Exercise instructions – Which lines in the listing below contain the word "under"? Copy each one.

• • • • • • •

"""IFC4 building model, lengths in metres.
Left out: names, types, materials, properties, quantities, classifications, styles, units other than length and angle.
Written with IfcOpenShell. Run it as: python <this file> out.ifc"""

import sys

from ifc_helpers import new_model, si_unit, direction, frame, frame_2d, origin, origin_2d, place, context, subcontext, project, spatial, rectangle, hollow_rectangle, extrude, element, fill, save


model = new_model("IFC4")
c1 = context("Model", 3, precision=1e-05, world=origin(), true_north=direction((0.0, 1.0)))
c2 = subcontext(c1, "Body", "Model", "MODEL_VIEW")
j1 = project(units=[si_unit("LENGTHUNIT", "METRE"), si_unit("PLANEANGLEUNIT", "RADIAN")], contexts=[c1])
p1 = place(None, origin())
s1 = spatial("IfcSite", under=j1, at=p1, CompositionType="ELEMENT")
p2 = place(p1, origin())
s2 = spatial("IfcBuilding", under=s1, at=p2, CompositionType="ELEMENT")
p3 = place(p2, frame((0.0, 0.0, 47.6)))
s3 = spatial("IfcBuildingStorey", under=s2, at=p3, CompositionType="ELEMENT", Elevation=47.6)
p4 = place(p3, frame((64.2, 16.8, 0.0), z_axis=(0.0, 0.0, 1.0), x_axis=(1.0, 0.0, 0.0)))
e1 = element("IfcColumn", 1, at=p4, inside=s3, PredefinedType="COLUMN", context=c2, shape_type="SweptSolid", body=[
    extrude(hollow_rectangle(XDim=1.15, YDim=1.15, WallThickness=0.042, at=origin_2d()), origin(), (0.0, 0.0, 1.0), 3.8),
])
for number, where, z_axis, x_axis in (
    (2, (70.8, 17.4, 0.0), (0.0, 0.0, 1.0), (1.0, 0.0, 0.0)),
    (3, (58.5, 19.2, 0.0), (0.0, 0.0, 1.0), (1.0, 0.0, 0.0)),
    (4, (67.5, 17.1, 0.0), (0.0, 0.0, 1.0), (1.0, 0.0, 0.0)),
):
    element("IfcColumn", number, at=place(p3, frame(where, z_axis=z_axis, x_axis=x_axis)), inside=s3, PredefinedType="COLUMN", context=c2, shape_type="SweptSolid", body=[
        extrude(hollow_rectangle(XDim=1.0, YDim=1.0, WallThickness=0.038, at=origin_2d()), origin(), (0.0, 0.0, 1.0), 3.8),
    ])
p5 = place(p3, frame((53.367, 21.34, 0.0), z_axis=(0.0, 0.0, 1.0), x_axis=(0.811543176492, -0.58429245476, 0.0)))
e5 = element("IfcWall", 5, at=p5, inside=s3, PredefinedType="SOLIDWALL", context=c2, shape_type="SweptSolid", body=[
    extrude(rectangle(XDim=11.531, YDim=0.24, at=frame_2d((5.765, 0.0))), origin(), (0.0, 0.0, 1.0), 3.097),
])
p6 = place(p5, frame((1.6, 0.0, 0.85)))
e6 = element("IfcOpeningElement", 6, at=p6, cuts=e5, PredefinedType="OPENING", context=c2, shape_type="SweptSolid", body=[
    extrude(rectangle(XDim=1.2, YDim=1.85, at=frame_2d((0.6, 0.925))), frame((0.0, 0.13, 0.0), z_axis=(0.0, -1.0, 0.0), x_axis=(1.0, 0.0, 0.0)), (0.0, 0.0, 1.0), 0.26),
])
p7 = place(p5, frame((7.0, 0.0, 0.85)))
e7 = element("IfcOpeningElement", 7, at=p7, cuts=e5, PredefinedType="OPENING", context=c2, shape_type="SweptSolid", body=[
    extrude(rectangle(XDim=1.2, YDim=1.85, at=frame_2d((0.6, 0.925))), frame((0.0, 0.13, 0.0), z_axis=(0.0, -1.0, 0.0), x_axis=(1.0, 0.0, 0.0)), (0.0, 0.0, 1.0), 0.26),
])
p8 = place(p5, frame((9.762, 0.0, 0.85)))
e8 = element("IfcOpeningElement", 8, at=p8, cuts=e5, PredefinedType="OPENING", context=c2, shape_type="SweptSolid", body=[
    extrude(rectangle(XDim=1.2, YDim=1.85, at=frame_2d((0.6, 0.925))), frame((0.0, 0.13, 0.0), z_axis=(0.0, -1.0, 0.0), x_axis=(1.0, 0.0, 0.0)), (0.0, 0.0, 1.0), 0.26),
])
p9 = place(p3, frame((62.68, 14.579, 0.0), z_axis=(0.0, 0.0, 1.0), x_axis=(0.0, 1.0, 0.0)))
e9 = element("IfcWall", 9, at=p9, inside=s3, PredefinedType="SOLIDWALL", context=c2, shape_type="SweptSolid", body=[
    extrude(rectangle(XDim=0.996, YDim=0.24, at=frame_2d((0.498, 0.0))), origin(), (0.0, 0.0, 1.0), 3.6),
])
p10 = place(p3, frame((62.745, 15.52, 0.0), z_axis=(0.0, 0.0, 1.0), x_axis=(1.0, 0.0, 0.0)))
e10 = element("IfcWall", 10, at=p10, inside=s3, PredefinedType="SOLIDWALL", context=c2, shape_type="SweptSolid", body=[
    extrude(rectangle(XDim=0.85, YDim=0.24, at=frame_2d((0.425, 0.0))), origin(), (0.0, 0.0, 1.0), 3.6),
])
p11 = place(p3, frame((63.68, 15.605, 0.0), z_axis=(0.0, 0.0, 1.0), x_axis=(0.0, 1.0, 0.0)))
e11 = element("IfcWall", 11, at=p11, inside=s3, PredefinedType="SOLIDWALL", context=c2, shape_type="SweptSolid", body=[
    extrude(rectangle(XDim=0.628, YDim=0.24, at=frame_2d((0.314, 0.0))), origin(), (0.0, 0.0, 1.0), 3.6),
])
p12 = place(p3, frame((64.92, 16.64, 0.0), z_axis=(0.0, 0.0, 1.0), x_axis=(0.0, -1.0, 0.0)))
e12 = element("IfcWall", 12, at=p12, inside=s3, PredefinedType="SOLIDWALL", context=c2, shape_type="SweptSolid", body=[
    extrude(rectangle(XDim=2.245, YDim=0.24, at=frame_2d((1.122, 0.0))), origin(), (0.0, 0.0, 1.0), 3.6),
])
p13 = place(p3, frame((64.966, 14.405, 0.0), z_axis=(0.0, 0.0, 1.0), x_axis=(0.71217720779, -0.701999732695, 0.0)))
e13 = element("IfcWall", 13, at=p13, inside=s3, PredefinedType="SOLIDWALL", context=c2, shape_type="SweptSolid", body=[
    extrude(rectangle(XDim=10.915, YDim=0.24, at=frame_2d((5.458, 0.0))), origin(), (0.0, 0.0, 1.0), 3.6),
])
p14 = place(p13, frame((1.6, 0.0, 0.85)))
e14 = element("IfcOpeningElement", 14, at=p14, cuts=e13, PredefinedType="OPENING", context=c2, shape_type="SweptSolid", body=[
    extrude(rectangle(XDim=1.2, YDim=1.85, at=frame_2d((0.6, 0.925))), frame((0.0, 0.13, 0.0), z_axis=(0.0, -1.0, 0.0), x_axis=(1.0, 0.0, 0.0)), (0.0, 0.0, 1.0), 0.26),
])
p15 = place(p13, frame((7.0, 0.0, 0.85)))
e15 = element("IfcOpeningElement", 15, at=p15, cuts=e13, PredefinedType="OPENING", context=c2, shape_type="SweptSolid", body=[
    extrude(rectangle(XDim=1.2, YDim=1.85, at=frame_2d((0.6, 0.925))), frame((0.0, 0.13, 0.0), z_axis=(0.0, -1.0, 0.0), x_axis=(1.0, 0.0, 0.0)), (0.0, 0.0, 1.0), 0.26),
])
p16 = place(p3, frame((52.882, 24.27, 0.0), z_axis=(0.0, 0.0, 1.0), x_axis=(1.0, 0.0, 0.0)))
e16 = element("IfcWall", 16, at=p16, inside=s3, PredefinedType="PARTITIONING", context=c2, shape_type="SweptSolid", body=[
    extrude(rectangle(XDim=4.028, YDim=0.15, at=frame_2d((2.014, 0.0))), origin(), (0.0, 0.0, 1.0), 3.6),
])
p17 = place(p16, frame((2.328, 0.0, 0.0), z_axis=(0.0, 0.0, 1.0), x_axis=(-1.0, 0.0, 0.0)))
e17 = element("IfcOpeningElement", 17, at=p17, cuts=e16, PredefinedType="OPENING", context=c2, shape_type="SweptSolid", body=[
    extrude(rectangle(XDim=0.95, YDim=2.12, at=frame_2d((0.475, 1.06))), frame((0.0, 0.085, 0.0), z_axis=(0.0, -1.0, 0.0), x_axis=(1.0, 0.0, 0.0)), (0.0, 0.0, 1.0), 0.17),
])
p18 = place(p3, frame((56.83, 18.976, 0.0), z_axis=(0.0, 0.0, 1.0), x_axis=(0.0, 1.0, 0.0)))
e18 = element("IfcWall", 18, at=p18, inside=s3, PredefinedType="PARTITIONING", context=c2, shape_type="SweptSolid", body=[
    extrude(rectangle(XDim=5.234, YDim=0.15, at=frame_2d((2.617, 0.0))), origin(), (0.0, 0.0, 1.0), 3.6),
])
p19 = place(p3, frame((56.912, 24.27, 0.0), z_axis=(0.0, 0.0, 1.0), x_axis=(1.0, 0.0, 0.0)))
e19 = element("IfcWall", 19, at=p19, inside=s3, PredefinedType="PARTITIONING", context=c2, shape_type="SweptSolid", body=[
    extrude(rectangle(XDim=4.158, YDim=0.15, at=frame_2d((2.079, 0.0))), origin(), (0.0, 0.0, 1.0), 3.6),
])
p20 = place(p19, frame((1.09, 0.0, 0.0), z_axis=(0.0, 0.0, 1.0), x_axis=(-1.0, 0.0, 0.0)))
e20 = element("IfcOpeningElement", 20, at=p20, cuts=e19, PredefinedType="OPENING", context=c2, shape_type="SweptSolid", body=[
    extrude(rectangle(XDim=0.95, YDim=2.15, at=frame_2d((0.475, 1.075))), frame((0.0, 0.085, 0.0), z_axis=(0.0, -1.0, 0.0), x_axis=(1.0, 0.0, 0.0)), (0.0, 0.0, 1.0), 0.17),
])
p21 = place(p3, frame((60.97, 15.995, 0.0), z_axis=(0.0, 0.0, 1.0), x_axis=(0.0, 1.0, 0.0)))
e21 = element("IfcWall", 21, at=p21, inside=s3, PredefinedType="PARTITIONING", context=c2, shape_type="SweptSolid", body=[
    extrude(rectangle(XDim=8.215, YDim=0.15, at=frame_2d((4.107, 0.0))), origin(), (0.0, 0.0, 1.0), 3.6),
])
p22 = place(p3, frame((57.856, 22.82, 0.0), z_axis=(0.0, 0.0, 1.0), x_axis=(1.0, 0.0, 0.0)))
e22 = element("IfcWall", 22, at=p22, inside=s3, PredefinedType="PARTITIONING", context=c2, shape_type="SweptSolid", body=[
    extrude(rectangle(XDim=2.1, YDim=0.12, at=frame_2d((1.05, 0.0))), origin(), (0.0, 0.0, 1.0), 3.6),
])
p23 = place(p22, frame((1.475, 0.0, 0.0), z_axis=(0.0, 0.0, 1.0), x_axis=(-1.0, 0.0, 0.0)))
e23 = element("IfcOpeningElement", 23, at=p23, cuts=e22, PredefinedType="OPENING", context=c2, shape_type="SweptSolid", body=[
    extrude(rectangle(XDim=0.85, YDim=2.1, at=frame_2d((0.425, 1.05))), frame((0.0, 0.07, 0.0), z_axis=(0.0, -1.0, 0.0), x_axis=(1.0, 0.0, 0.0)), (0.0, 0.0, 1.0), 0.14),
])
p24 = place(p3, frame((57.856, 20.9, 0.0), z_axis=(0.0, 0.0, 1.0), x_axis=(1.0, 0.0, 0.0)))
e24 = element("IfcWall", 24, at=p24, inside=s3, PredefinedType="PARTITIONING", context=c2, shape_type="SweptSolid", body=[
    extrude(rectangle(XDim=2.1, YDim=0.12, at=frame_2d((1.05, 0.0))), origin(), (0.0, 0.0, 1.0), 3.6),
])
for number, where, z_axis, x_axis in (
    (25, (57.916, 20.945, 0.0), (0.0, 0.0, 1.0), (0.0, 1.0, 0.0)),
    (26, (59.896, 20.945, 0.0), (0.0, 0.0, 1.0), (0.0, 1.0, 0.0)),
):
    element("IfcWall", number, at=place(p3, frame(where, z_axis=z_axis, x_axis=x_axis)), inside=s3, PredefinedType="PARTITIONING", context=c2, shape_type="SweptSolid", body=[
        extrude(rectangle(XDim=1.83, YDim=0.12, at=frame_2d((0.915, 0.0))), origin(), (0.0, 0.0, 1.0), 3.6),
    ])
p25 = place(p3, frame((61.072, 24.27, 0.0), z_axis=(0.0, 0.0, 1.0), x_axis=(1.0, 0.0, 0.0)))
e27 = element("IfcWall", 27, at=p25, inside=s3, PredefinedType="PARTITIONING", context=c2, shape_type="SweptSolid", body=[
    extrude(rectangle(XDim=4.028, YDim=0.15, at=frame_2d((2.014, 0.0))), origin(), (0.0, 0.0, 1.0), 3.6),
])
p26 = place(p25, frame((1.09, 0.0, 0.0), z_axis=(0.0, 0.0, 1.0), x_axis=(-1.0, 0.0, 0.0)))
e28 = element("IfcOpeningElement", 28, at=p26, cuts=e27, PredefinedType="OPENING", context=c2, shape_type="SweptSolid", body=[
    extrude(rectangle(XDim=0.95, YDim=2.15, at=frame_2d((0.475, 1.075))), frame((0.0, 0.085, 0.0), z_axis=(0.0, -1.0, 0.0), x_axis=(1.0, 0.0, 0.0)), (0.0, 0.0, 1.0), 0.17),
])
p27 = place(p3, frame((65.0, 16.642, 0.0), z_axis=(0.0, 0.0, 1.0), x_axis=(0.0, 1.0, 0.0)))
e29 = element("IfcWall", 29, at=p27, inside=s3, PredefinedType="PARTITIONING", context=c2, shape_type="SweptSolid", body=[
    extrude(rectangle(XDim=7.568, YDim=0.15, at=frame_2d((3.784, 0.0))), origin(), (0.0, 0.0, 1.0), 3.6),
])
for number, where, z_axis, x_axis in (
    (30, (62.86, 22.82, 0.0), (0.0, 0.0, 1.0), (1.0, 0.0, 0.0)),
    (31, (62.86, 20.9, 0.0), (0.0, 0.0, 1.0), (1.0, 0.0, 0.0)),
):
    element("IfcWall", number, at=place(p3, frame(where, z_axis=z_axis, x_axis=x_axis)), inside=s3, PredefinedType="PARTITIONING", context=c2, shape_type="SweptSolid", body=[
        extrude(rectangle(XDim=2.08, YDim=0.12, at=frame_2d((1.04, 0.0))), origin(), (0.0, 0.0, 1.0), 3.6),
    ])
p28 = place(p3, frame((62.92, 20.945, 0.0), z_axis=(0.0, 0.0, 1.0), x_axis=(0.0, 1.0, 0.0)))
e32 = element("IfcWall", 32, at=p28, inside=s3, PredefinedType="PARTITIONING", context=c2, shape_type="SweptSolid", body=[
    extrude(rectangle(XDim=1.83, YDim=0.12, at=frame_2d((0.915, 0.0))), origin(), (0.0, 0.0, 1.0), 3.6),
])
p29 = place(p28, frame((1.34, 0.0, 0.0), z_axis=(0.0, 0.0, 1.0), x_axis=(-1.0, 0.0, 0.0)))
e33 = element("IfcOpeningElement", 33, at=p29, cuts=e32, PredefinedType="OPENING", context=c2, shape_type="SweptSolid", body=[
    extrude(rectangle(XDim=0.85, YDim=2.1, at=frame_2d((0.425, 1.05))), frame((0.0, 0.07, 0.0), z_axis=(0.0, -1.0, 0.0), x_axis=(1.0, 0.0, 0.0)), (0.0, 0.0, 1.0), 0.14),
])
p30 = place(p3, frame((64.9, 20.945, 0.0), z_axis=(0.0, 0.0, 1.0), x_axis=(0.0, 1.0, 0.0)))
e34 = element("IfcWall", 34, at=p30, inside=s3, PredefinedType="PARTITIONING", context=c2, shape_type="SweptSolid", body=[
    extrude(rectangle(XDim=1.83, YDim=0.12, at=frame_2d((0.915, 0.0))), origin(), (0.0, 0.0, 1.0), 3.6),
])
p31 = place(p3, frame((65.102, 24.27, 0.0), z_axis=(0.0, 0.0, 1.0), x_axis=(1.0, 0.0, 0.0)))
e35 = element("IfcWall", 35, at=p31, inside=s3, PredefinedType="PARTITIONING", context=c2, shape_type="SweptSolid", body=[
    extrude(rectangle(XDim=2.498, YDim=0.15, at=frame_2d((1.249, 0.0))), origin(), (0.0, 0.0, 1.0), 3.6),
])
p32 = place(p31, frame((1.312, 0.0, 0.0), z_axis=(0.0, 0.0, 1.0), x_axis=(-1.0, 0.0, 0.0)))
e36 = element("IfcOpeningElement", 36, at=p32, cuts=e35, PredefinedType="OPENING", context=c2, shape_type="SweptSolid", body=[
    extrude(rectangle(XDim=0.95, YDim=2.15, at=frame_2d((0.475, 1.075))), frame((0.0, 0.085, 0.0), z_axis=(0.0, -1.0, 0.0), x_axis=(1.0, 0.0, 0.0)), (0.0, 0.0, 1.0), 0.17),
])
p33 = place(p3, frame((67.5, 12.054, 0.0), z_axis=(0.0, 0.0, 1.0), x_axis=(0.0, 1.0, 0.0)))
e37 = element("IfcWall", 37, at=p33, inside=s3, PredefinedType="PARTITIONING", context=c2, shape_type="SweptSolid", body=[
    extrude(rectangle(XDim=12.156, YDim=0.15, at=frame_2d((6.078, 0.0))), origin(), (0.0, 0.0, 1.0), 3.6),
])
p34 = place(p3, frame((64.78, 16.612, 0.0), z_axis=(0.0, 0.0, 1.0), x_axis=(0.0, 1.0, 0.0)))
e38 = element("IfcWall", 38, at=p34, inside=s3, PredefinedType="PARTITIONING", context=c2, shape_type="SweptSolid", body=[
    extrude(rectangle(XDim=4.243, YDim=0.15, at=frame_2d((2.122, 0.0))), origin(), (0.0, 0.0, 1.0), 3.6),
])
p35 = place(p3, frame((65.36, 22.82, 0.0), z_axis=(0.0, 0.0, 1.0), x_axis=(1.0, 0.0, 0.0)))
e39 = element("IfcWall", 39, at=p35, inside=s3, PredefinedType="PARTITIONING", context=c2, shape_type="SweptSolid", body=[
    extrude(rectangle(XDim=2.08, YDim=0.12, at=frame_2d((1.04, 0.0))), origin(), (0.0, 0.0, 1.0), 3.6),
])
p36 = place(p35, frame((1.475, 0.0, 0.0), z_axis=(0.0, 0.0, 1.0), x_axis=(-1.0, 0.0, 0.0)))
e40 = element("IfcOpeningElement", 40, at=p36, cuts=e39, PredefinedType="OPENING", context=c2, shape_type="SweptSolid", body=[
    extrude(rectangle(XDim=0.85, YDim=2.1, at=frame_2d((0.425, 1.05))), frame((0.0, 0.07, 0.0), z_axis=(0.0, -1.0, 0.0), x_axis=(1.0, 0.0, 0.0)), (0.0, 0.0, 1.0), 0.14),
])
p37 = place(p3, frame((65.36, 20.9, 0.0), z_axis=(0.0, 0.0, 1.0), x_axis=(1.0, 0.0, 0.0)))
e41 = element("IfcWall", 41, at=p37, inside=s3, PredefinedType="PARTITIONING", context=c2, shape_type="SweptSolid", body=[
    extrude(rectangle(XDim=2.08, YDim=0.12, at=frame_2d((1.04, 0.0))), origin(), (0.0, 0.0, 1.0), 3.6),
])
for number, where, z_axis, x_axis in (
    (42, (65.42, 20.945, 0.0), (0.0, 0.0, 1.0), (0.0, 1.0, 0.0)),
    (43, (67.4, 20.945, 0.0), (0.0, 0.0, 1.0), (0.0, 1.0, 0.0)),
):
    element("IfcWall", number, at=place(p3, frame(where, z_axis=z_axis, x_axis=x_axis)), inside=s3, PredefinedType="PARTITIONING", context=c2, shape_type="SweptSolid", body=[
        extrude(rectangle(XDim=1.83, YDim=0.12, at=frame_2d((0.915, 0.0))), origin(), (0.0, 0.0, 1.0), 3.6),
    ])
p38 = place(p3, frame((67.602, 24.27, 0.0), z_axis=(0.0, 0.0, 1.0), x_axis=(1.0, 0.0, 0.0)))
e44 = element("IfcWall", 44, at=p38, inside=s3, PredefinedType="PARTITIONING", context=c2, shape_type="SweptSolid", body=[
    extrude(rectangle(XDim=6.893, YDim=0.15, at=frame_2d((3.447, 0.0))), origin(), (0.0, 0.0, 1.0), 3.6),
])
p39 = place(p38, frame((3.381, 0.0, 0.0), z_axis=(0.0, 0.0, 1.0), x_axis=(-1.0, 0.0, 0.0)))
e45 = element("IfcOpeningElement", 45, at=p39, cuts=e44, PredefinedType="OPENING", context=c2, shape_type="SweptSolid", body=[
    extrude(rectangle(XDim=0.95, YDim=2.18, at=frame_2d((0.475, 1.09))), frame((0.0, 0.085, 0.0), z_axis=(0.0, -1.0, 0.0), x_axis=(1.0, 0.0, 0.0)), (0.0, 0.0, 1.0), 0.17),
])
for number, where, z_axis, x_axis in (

• • • • • • •

Answer area –
s1 = spatial("IfcSite", under=j1, at=p1, CompositionType="ELEMENT")
s2 = spatial("IfcBuilding", under=s1, at=p2, CompositionType="ELEMENT")
s3 = spatial("IfcBuildingStorey", under=s2, at=p3, CompositionType="ELEMENT", Elevation=47.6)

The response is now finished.